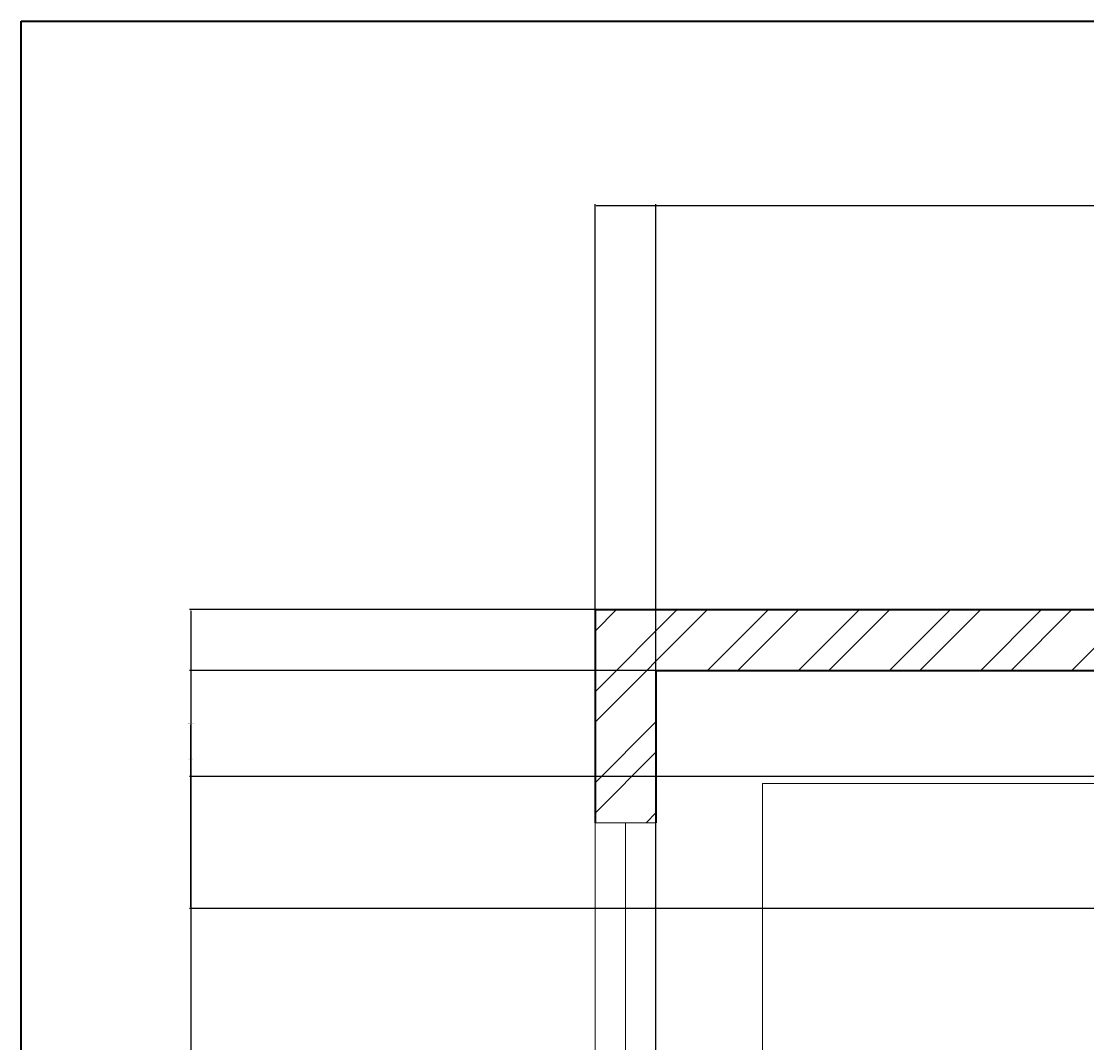
# Model space of a CAD drawing. Units: inches. Extents: x 2552 to 3217, y 1417 to 2737.
# Tile 17 of 25: x 2552 to 2710, y 2585 to 2737. Entities that reach past the tile are written whole.
import ezdxf

# ---------------------------------------------------------------- set-up
doc = ezdxf.new("R2010")
doc.units = ezdxf.units.IN
for name, color, linetype, lineweight in [('A-ANNO-DIMS', 2, 'Continuous', 18), ('A-ANNO-TTLB', 7, 'Continuous', 35), ('A-FLOR-CASE', 9, 'Continuous', 18), ('A-GLAZ', 161, 'Continuous', 18), ('A-WALL', 7, 'Continuous', 35), ('A-WALL-PATT', 217, 'Continuous', 13)]:
    doc.layers.add(name, color=color, linetype=linetype, lineweight=lineweight)
doc.styles.get("Standard").update_dxf_attribs({"font": 'arial.ttf'})
doc.dimstyles.get("Standard").update_dxf_attribs({"dimtxt": 0.18, "dimasz": 0.18, "dimexe": 0.18, "dimexo": 0.0625, "dimgap": 0.09, "dimtad": 0, "dimtih": 1, "dimtoh": 1, "dimdec": 4, "dimzin": 0, "dimdsep": 46, "dimtxsty": 'Standard', "dimcen": 0.09, "dimadec": 0, "dimazin": 0, "dimtfac": 1, "dimtdec": 4, "dimtofl": 0, "dimtmove": 0, "dimatfit": 3, "dimfxl": 1, "dimtolj": 1, "dimtzin": 0, "dimarcsym": 0})

# ---------------------------------------------------------------- blocks, each defined once
blk = doc.blocks.new('WIN-36')
for p, q in [((4.5, 36), (0, 36)), ((0, 36), (9, 36)), ((0, 36), (0, 0)), ((4.5, 0), (4.5, 36)), ((9, 36), (9, 0)), ((0, 0), (9, 0)), ((9, 0), (4.5, 0))]:
    blk.add_line(p, q)
blk = doc.blocks.new('*D50')
at = {"layer": 'A-ANNO-DIMS', "color": 0, "lineweight": -2, "transparency": 16777216}
for p, q in [((2637.29, 2649.51), (2577.37, 2649.51)), ((2577.55, 2649.33), (2577.55, 2096.19)), ((2577.55, 1542.69), (2577.55, 2095.83)), ((2637.29, 1542.51), (2577.37, 1542.51))]:
    blk.add_line(p, q, dxfattribs=at)
at = {"layer": 'A-ANNO-DIMS', "color": 0, "transparency": 16777216}
for points in [[(2577.52, 2649.33), (2577.58, 2649.33), (2577.55, 2649.51)], [(2577.52, 1542.69), (2577.58, 1542.69), (2577.55, 1542.51)]]:
    blk.add_solid(points, dxfattribs=at)
at = {"layer": 'Defpoints', "color": 0, "transparency": 16777216}
for p in [(2577.55, 2649.51), (2637.35, 2649.51), (2637.35, 1542.51)]:
    blk.add_point(p, dxfattribs=at)
at = {"layer": 'A-ANNO-DIMS', "color": 0, "transparency": 16777216, "insert": (2577.55, 2096.01), "char_height": 0.18, "attachment_point": 5}
blk.add_mtext('\\A1;1107', dxfattribs=at)
blk = doc.blocks.new('*D51')
at = {"layer": 'A-ANNO-DIMS', "color": 0, "lineweight": -2, "transparency": 16777216}
for p, q in [((2637.35, 2649.58), (2637.35, 2709.49)), ((2637.53, 2709.31), (2742.71, 2709.31)), ((2848.67, 2709.31), (2743.5, 2709.31)), ((2848.85, 2649.58), (2848.85, 2709.49))]:
    blk.add_line(p, q, dxfattribs=at)
at = {"layer": 'A-ANNO-DIMS', "color": 0, "transparency": 16777216}
for points in [[(2637.53, 2709.34), (2637.53, 2709.28), (2637.35, 2709.31)], [(2848.67, 2709.34), (2848.67, 2709.28), (2848.85, 2709.31)]]:
    blk.add_solid(points, dxfattribs=at)
at = {"layer": 'Defpoints', "color": 0, "transparency": 16777216}
for p in [(2848.85, 2709.31), (2637.35, 2649.51), (2848.85, 2649.51)]:
    blk.add_point(p, dxfattribs=at)
at = {"layer": 'A-ANNO-DIMS', "color": 0, "transparency": 16777216, "insert": (2743.1, 2709.31), "char_height": 0.18, "attachment_point": 5}
blk.add_mtext('\\A1;211.5', dxfattribs=at)
blk = doc.blocks.new('*D64')
at = {"layer": 'A-ANNO-DIMS', "color": 0, "lineweight": -2, "transparency": 16777216}
for p, q in [((2646.35, 1551.58), (2646.35, 2709.49)), ((2646.53, 2709.31), (2802.77, 2709.31)), ((2959.93, 2709.31), (2803.69, 2709.31)), ((2960.11, 1551.58), (2960.11, 2709.49))]:
    blk.add_line(p, q, dxfattribs=at)
at = {"layer": 'A-ANNO-DIMS', "color": 0, "transparency": 16777216}
for points in [[(2646.53, 2709.34), (2646.53, 2709.28), (2646.35, 2709.31)], [(2959.93, 2709.34), (2959.93, 2709.28), (2960.11, 2709.31)]]:
    blk.add_solid(points, dxfattribs=at)
at = {"layer": 'Defpoints', "color": 0, "transparency": 16777216}
for p in [(2960.11, 2709.31), (2646.35, 1551.51), (2960.11, 1551.51)]:
    blk.add_point(p, dxfattribs=at)
at = {"layer": 'A-ANNO-DIMS', "color": 0, "transparency": 16777216, "insert": (2803.23, 2709.31), "char_height": 0.18, "attachment_point": 5}
blk.add_mtext('\\A1;313.76', dxfattribs=at)
blk = doc.blocks.new('*D65')
at = {"layer": 'A-ANNO-DIMS', "color": 0, "lineweight": -2, "transparency": 16777216}
for p, q in [((2908.79, 2649.51), (2577.37, 2649.51)), ((2577.55, 2649.33), (2577.55, 2627.57)), ((2577.55, 2605.46), (2577.55, 2627.21)), ((2908.79, 2605.28), (2577.37, 2605.28))]:
    blk.add_line(p, q, dxfattribs=at)
at = {"layer": 'A-ANNO-DIMS', "color": 0, "transparency": 16777216}
for points in [[(2577.52, 2649.33), (2577.58, 2649.33), (2577.55, 2649.51)], [(2577.52, 2605.46), (2577.58, 2605.46), (2577.55, 2605.28)]]:
    blk.add_solid(points, dxfattribs=at)
at = {"layer": 'Defpoints', "color": 0, "transparency": 16777216}
for p in [(2577.55, 2649.51), (2908.85, 2649.51), (2908.85, 2605.28)]:
    blk.add_point(p, dxfattribs=at)
at = {"layer": 'A-ANNO-DIMS', "color": 0, "transparency": 16777216, "insert": (2577.55, 2627.39), "char_height": 0.18, "attachment_point": 5}
blk.add_mtext('\\A1;44.24', dxfattribs=at)
blk = doc.blocks.new('*D68')
at = {"layer": 'A-ANNO-DIMS', "color": 0, "lineweight": -2, "transparency": 16777216}
for p, q in [((2995.79, 2640.51), (2577.37, 2640.51)), ((2577.55, 2640.33), (2577.55, 2632.84)), ((2577.55, 2624.97), (2577.55, 2632.47)), ((2995.79, 2624.79), (2577.37, 2624.79))]:
    blk.add_line(p, q, dxfattribs=at)
at = {"layer": 'A-ANNO-DIMS', "color": 0, "transparency": 16777216}
for points in [[(2577.52, 2640.33), (2577.58, 2640.33), (2577.55, 2640.51)], [(2577.52, 2624.97), (2577.58, 2624.97), (2577.55, 2624.79)]]:
    blk.add_solid(points, dxfattribs=at)
at = {"layer": 'Defpoints', "color": 0, "transparency": 16777216}
for p in [(2995.85, 2640.51), (2577.55, 2624.79), (2995.85, 2624.79)]:
    blk.add_point(p, dxfattribs=at)
at = {"layer": 'A-ANNO-DIMS', "color": 0, "transparency": 16777216, "insert": (2577.55, 2632.65), "char_height": 0.18, "attachment_point": 5}
blk.add_mtext('\\A1;15.718', dxfattribs=at)

msp = doc.modelspace()

# ---------------------------------------------------------------- hatches: boundary and pattern name
at = {"layer": 'A-WALL-PATT'}
h = msp.add_hatch(dxfattribs=at)
h.set_pattern_fill('ANSI32', color=256)
h.paths.add_polyline_path([(2756.676, 2649.5125), (2637.3535, 2649.5125), (2637.3535, 2617.9626), (2641.8535, 2617.9626), (2646.3535, 2617.9626), (2646.3535, 2640.5125), (2724.3535, 2640.5125), (2724.3535, 2520.5125), (2720.299, 2520.5125), (2720.299, 2516.0125), (2733.4075, 2516.0125), (2733.4075, 2518.2213), (2733.4075, 2520.5125), (2728.8535, 2520.5125), (2728.8535, 2640.5125), (2756.676, 2640.5125)])
h.paths.add_polyline_path([(2848.8535, 2649.5125), (2804.676, 2649.5125), (2804.676, 2640.5125), (2839.8535, 2640.5125), (2839.8535, 2598.3517), (2848.8535, 2598.3517)])
h.paths.add_polyline_path([(2646.3535, 2516.0125), (2697.9593, 2516.0125), (2697.9593, 2518.2625), (2697.9593, 2520.5125), (2646.3535, 2520.5125), (2646.3535, 2581.9626), (2637.3535, 2581.9626), (2637.3535, 2364.3298), (2646.3535, 2364.3298), (2646.3535, 2387.0125), (2724.3535, 2387.0125), (2724.3535, 2267.0125), (2721.0443, 2267.0125), (2721.0443, 2262.5125), (2733.7854, 2262.5125), (2733.7854, 2264.7625), (2733.7854, 2267.0125), (2728.8535, 2267.0125), (2728.8535, 2387.0125), (2839.8535, 2387.0125), (2839.8535, 2363.8387), (2848.8535, 2363.8387), (2848.8535, 2403.7415), (2844.3535, 2403.7415), (2839.8535, 2403.7415), (2839.8535, 2396.0125), (2646.3535, 2396.0125)])
h.paths.add_polyline_path([(2848.8535, 2550.3517), (2844.3535, 2550.3517), (2839.8535, 2550.3517), (2839.8535, 2520.5125), (2801.9195, 2520.5125), (2801.9195, 2518.2625), (2801.9195, 2516.0125), (2839.8535, 2516.0125), (2839.8535, 2507.5813), (2848.8535, 2507.5813)], flags=17)
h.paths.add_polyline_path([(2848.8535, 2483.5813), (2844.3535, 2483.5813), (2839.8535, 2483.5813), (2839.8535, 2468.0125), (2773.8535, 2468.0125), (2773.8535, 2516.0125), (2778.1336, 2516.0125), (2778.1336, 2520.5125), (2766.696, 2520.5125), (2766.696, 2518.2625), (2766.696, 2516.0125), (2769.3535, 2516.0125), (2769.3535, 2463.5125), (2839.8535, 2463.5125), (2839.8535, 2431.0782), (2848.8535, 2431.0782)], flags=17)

* **Exercise directions**
Wherever the string "flags" appears in the data above, report the whole line.

* **Final answer**
h.paths.add_polyline_path([(2848.8535, 2550.3517), (2844.3535, 2550.3517), (2839.8535, 2550.3517), (2839.8535, 2520.5125), (2801.9195, 2520.5125), (2801.9195, 2518.2625), (2801.9195, 2516.0125), (2839.8535, 2516.0125), (2839.8535, 2507.5813), (2848.8535, 2507.5813)], flags=17)
h.paths.add_polyline_path([(2848.8535, 2483.5813), (2844.3535, 2483.5813), (2839.8535, 2483.5813), (2839.8535, 2468.0125), (2773.8535, 2468.0125), (2773.8535, 2516.0125), (2778.1336, 2516.0125), (2778.1336, 2520.5125), (2766.696, 2520.5125), (2766.696, 2518.2625), (2766.696, 2516.0125), (2769.3535, 2516.0125), (2769.3535, 2463.5125), (2839.8535, 2463.5125), (2839.8535, 2431.0782), (2848.8535, 2431.0782)], flags=17)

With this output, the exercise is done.